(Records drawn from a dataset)
═══

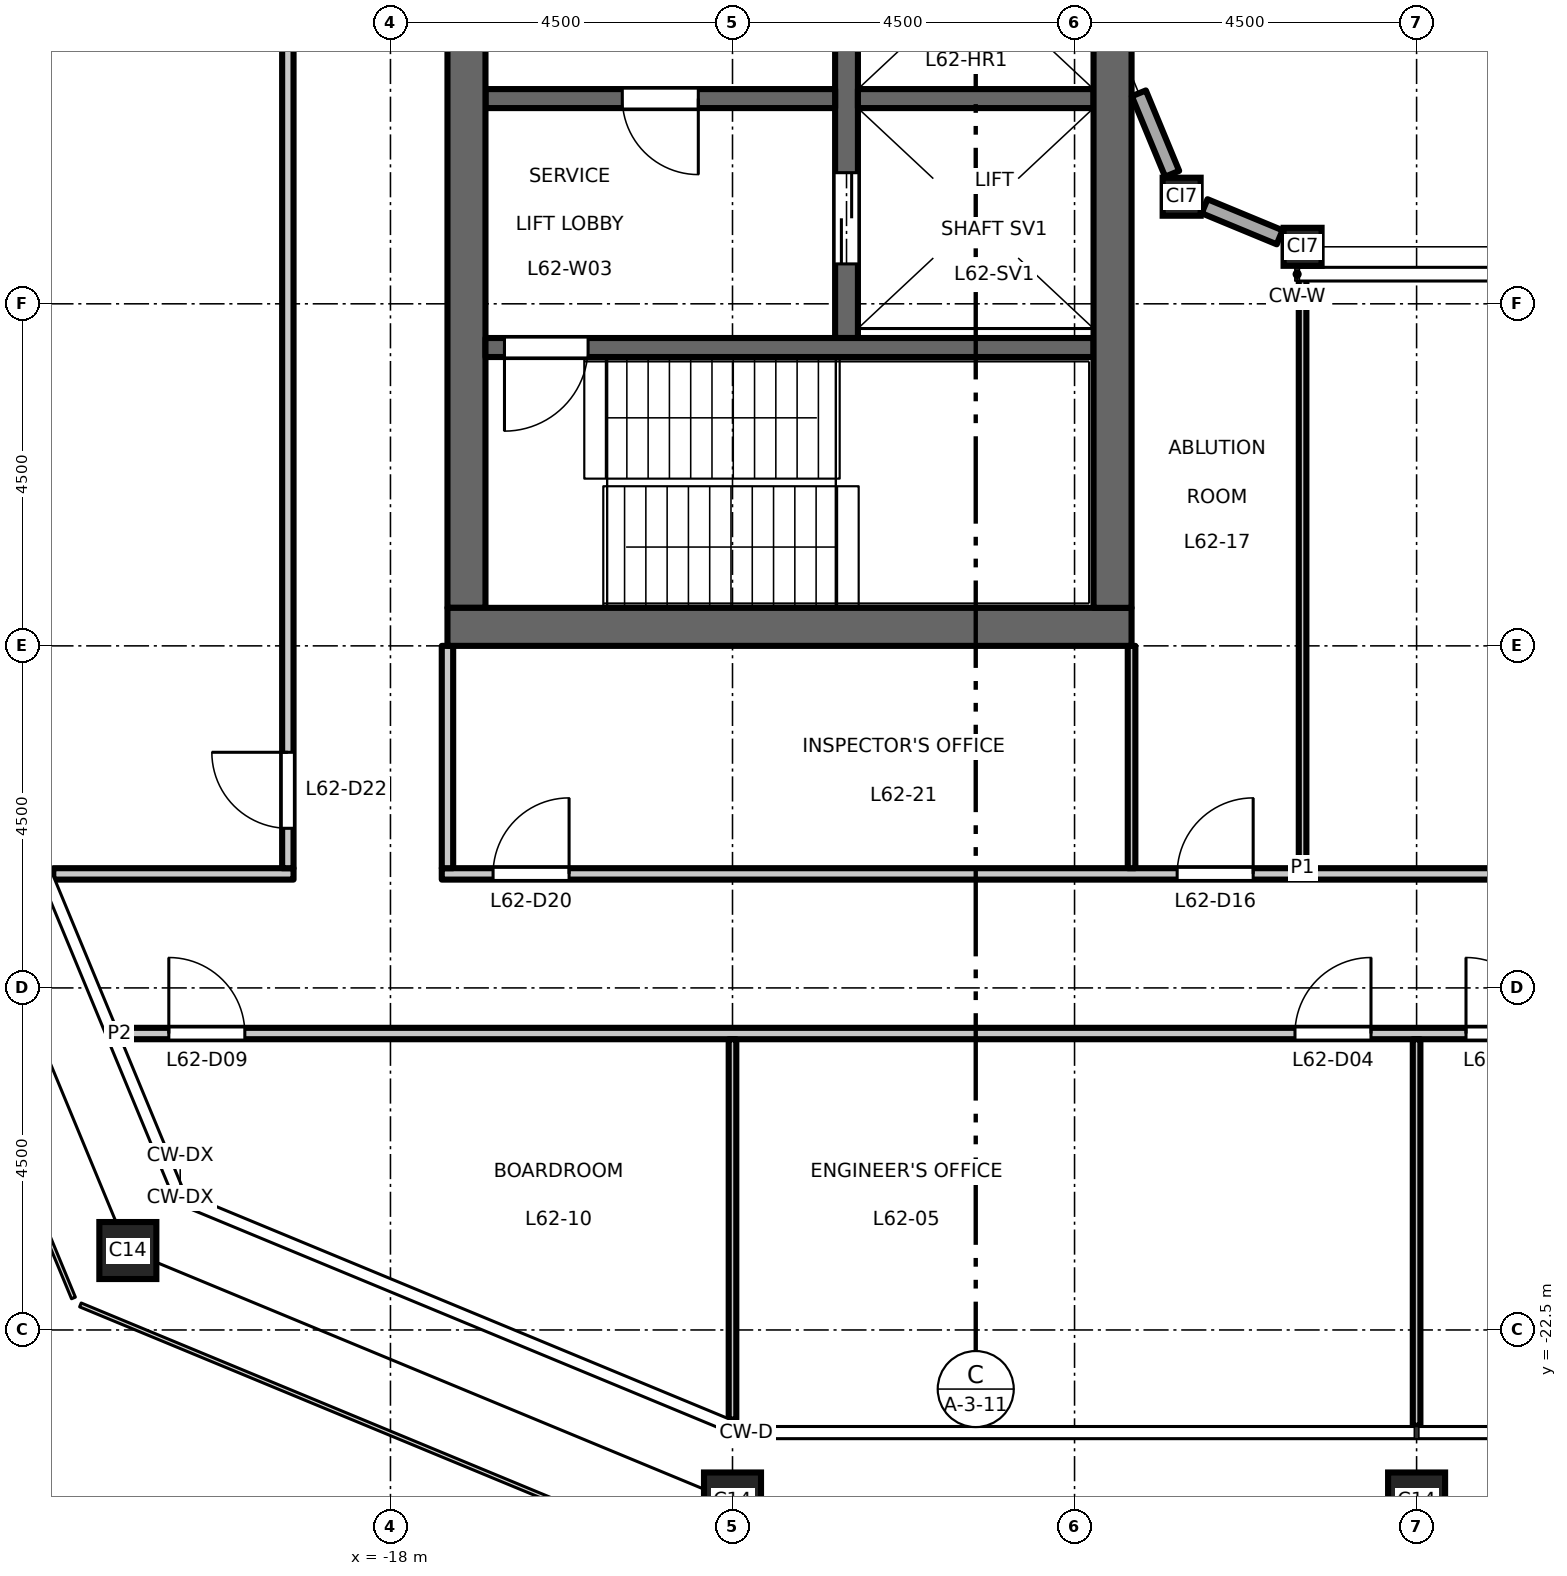
"""IFC4 building model, lengths in metres.
Left out: names, types, materials, properties, quantities, classifications, styles, units other than length and angle.
Written with IfcOpenShell. Run it as: python <this file> out.ifc"""

import sys

from ifc_helpers import new_model, si_unit, direction, frame, frame_2d, origin, origin_2d, place, context, subcontext, project, spatial, rectangle, hollow_rectangle, extrude, element, fill, save


model = new_model("IFC4")
c1 = context("Model", 3, precision=1e-05, world=origin(), true_north=direction((0.0, 1.0)))
c2 = subcontext(c1, "Body", "Model", "MODEL_VIEW")
j1 = project(units=[si_unit("LENGTHUNIT", "METRE"), si_unit("PLANEANGLEUNIT", "RADIAN")], contexts=[c1])
p1 = place(None, origin())
s1 = spatial("IfcSite", under=j1, at=p1, CompositionType="ELEMENT")
p2 = place(p1, origin())
s2 = spatial("IfcBuilding", under=s1, at=p2, CompositionType="ELEMENT")
p3 = place(p2, frame((0.0, 0.0, 289.7)))
s3 = spatial("IfcBuildingStorey", under=s2, at=p3, CompositionType="ELEMENT", Elevation=289.7)
for number, where, z_axis, x_axis in (
    (1, (-13.5, -24.75, 0.0), (0.0, 0.0, 1.0), (1.0, 0.0, 0.0)),
    (2, (-4.5, -24.75, 0.0), (0.0, 0.0, 1.0), (1.0, 0.0, 0.0)),
    (3, (-21.455, -21.455, 0.0), (0.0, 0.0, 1.0), (1.0, 0.0, 0.0)),
):
    element("IfcColumn", number, at=place(p3, frame(where, z_axis=z_axis, x_axis=x_axis)), inside=s3, PredefinedType="COLUMN", context=c2, shape_type="SweptSolid", body=[
        extrude(hollow_rectangle(XDim=0.75, YDim=0.75, WallThickness=0.04, at=origin_2d()), origin(), (0.0, 0.0, 1.0), 4.5),
    ])
for number, where, z_axis, x_axis in (
    (4, (-7.591, -7.591, 0.0), (0.0, 0.0, 1.0), (1.0, 0.0, 0.0)),
    (5, (-6.0, -8.25, 0.0), (0.0, 0.0, 1.0), (1.0, 0.0, 0.0)),
):
    element("IfcColumn", number, at=place(p3, frame(where, z_axis=z_axis, x_axis=x_axis)), inside=s3, PredefinedType="COLUMN", context=c2, shape_type="SweptSolid", body=[
        extrude(hollow_rectangle(XDim=0.5, YDim=0.5, WallThickness=0.025, at=origin_2d()), origin(), (0.0, 0.0, 1.0), 4.5),
    ])
p4 = place(p3, frame((-12.0, -9.45, 0.0), z_axis=(0.0, 0.0, 1.0), x_axis=(0.0, 1.0, 0.0)))
e6 = element("IfcWall", 6, at=p4, inside=s3, PredefinedType="SHEAR", context=c2, shape_type="SweptSolid", body=[
    extrude(rectangle(XDim=18.9, YDim=0.3, at=frame_2d((9.45, 0.0))), origin(), (0.0, 0.0, 1.0), 4.35),
])
p5 = place(p4, frame((4.725, 0.0, 0.0)))
e7 = element("IfcOpeningElement", 7, at=p5, cuts=e6, PredefinedType="OPENING", context=c2, shape_type="SweptSolid", body=[
    extrude(rectangle(XDim=1.1, YDim=2.1, at=frame_2d((0.55, 1.05))), frame((0.0, 0.16, 0.0), z_axis=(0.0, -1.0, 0.0), x_axis=(1.0, 0.0, 0.0)), (0.0, 0.0, 1.0), 0.32),
])
p6 = place(p4, frame((7.875, 0.0, 0.0)))
e8 = element("IfcOpeningElement", 8, at=p6, cuts=e6, PredefinedType="OPENING", context=c2, shape_type="SweptSolid", body=[
    extrude(rectangle(XDim=1.1, YDim=2.1, at=frame_2d((0.55, 1.05))), frame((0.0, 0.16, 0.0), z_axis=(0.0, -1.0, 0.0), x_axis=(1.0, 0.0, 0.0)), (0.0, 0.0, 1.0), 0.32),
])
p7 = place(p4, frame((11.025, 0.0, 0.0)))
e9 = element("IfcOpeningElement", 9, at=p7, cuts=e6, PredefinedType="OPENING", context=c2, shape_type="SweptSolid", body=[
    extrude(rectangle(XDim=1.1, YDim=2.1, at=frame_2d((0.55, 1.05))), frame((0.0, 0.16, 0.0), z_axis=(0.0, -1.0, 0.0), x_axis=(1.0, 0.0, 0.0)), (0.0, 0.0, 1.0), 0.32),
])
p8 = place(p4, frame((14.175, 0.0, 0.0)))
e10 = element("IfcOpeningElement", 10, at=p8, cuts=e6, PredefinedType="OPENING", context=c2, shape_type="SweptSolid", body=[
    extrude(rectangle(XDim=1.1, YDim=2.1, at=frame_2d((0.55, 1.05))), frame((0.0, 0.16, 0.0), z_axis=(0.0, -1.0, 0.0), x_axis=(1.0, 0.0, 0.0)), (0.0, 0.0, 1.0), 0.32),
])
p9 = place(p4, frame((16.725, 0.0, 0.0)))
e11 = element("IfcOpeningElement", 11, at=p9, cuts=e6, PredefinedType="OPENING", context=c2, shape_type="SweptSolid", body=[
    extrude(rectangle(XDim=1.2, YDim=2.1, at=frame_2d((0.6, 1.05))), frame((0.0, 0.16, 0.0), z_axis=(0.0, -1.0, 0.0), x_axis=(1.0, 0.0, 0.0)), (0.0, 0.0, 1.0), 0.32),
])
p10 = place(p4, frame((0.975, 0.0, 0.0)))
e12 = element("IfcOpeningElement", 12, at=p10, cuts=e6, PredefinedType="OPENING", context=c2, shape_type="SweptSolid", body=[
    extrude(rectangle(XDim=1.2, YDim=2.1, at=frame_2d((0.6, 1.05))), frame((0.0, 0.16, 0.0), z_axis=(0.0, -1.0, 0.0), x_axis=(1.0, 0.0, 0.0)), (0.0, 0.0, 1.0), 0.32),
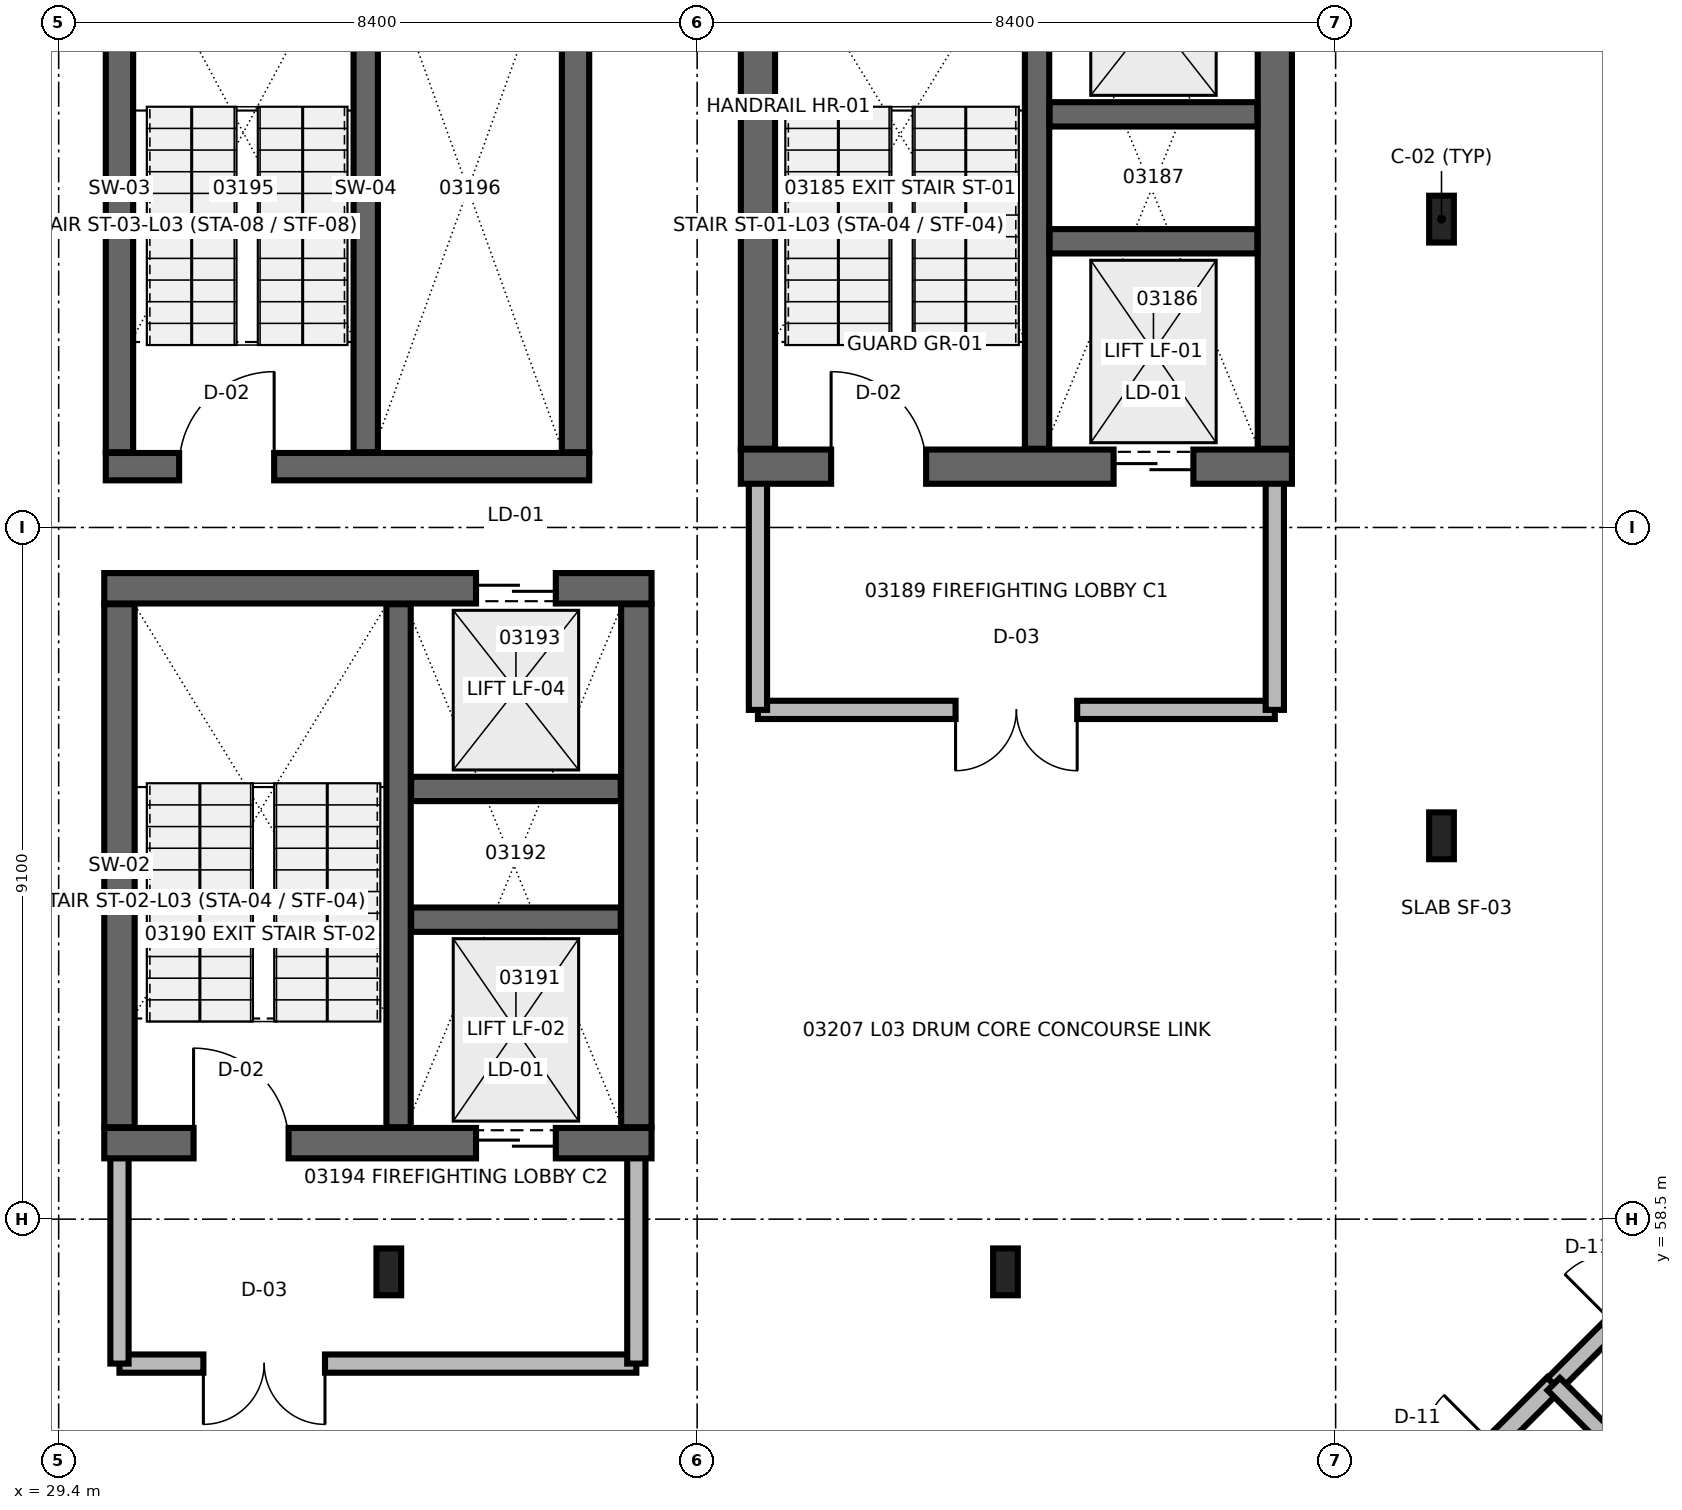
"""IFC4 building model, lengths in metres.
Left out: names, types, materials, properties, quantities, classifications, styles, units other than length and angle.
Written with IfcOpenShell. Run it as: python <this file> out.ifc"""

import sys

from ifc_helpers import new_model, si_unit, direction, frame, frame_2d, origin, origin_2d, place, context, subcontext, project, spatial, rectangle, i_section, extrude, element, fill, save


model = new_model("IFC4")
c1 = context("Model", 3, precision=1e-05, world=origin(), true_north=direction((0.0, 1.0)))
c2 = subcontext(c1, "Body", "Model", "MODEL_VIEW")
j1 = project(units=[si_unit("LENGTHUNIT", "METRE"), si_unit("PLANEANGLEUNIT", "RADIAN")], contexts=[c1])
p1 = place(None, origin())
s1 = spatial("IfcSite", under=j1, at=p1, CompositionType="ELEMENT")
p2 = place(p1, origin())
s2 = spatial("IfcBuilding", under=s1, at=p2, CompositionType="ELEMENT")
p3 = place(p2, frame((0.0, 0.0, 13.8)))
s3 = spatial("IfcBuildingStorey", under=s2, at=p3, CompositionType="ELEMENT", Elevation=13.8)
for number, where, z_axis, x_axis in (
    (1, (47.593, 71.656, 0.0), (0.0, 0.0, 1.0), (1.0, 0.0, 0.0)),
    (2, (33.744, 57.807, 0.0), (0.0, 0.0, 1.0), (1.0, 0.0, 0.0)),
    (3, (41.856, 57.807, 0.0), (0.0, 0.0, 1.0), (1.0, 0.0, 0.0)),
    (4, (47.593, 63.544, 0.0), (0.0, 0.0, 1.0), (1.0, 0.0, 0.0)),
):
    element("IfcColumn", number, at=place(p3, frame(where, z_axis=z_axis, x_axis=x_axis)), inside=s3, PredefinedType="COLUMN", context=c2, shape_type="SweptSolid", body=[
        extrude(i_section(OverallWidth=0.325, OverallDepth=0.616, WebThickness=0.014, FlangeThickness=0.021, at=origin_2d()), origin(), (0.0, 0.0, 1.0), 3.9),
    ])
p4 = place(p3, frame((49.238, 49.504, 0.0), z_axis=(0.0, 0.0, 1.0), x_axis=(0.707106781187, 0.707106781187, 0.0)))
e5 = element("IfcWall", 5, at=p4, inside=s3, PredefinedType="SOLIDWALL", context=c2, shape_type="SweptSolid", body=[
    extrude(rectangle(XDim=8.836, YDim=0.26, at=frame_2d((4.418, 0.0))), origin(), (0.0, 0.0, 1.0), 1.48),
])
p5 = place(p3, frame((38.6, 65.2, 0.0), z_axis=(0.0, 0.0, 1.0), x_axis=(1.0, 0.0, 0.0)))
e6 = element("IfcWall", 6, at=p5, inside=s3, PredefinedType="SOLIDWALL", context=c2, shape_type="SweptSolid", body=[
    extrude(rectangle(XDim=6.8, YDim=0.24, at=frame_2d((3.4, 0.0))), origin(), (0.0, 0.0, 1.0), 3.64),
])
p6 = place(p5, frame((2.6, 0.0, 0.0)))
e7 = element("IfcOpeningElement", 7, at=p6, cuts=e6, PredefinedType="OPENING", context=c2, shape_type="SweptSolid", body=[
    extrude(rectangle(XDim=1.6, YDim=2.2, at=frame_2d((0.8, 1.1))), frame((0.0, 0.13, 0.0), z_axis=(0.0, -1.0, 0.0), x_axis=(1.0, 0.0, 0.0)), (0.0, 0.0, 1.0), 0.26),
])
for number, where, z_axis, x_axis in (
    (8, (38.6, 68.4, 0.0), (0.0, 0.0, 1.0), (0.0, -1.0, 0.0)),
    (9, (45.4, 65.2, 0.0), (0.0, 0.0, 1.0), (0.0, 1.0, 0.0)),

═══

- **About this task**:
Above are the lines; repeat exactly the ones from the line containing "p6 = place(p4, frame((7.875, 0.0, 0.0)))" down to the line containing "p8 = place(p4, frame((14.175, 0.0, 0.0)))", both inclusive.

- **Answer**:
p6 = place(p4, frame((7.875, 0.0, 0.0)))
e8 = element("IfcOpeningElement", 8, at=p6, cuts=e6, PredefinedType="OPENING", context=c2, shape_type="SweptSolid", body=[
    extrude(rectangle(XDim=1.1, YDim=2.1, at=frame_2d((0.55, 1.05))), frame((0.0, 0.16, 0.0), z_axis=(0.0, -1.0, 0.0), x_axis=(1.0, 0.0, 0.0)), (0.0, 0.0, 1.0), 0.32),
])
p7 = place(p4, frame((11.025, 0.0, 0.0)))
e9 = element("IfcOpeningElement", 9, at=p7, cuts=e6, PredefinedType="OPENING", context=c2, shape_type="SweptSolid", body=[
    extrude(rectangle(XDim=1.1, YDim=2.1, at=frame_2d((0.55, 1.05))), frame((0.0, 0.16, 0.0), z_axis=(0.0, -1.0, 0.0), x_axis=(1.0, 0.0, 0.0)), (0.0, 0.0, 1.0), 0.32),
])
p8 = place(p4, frame((14.175, 0.0, 0.0)))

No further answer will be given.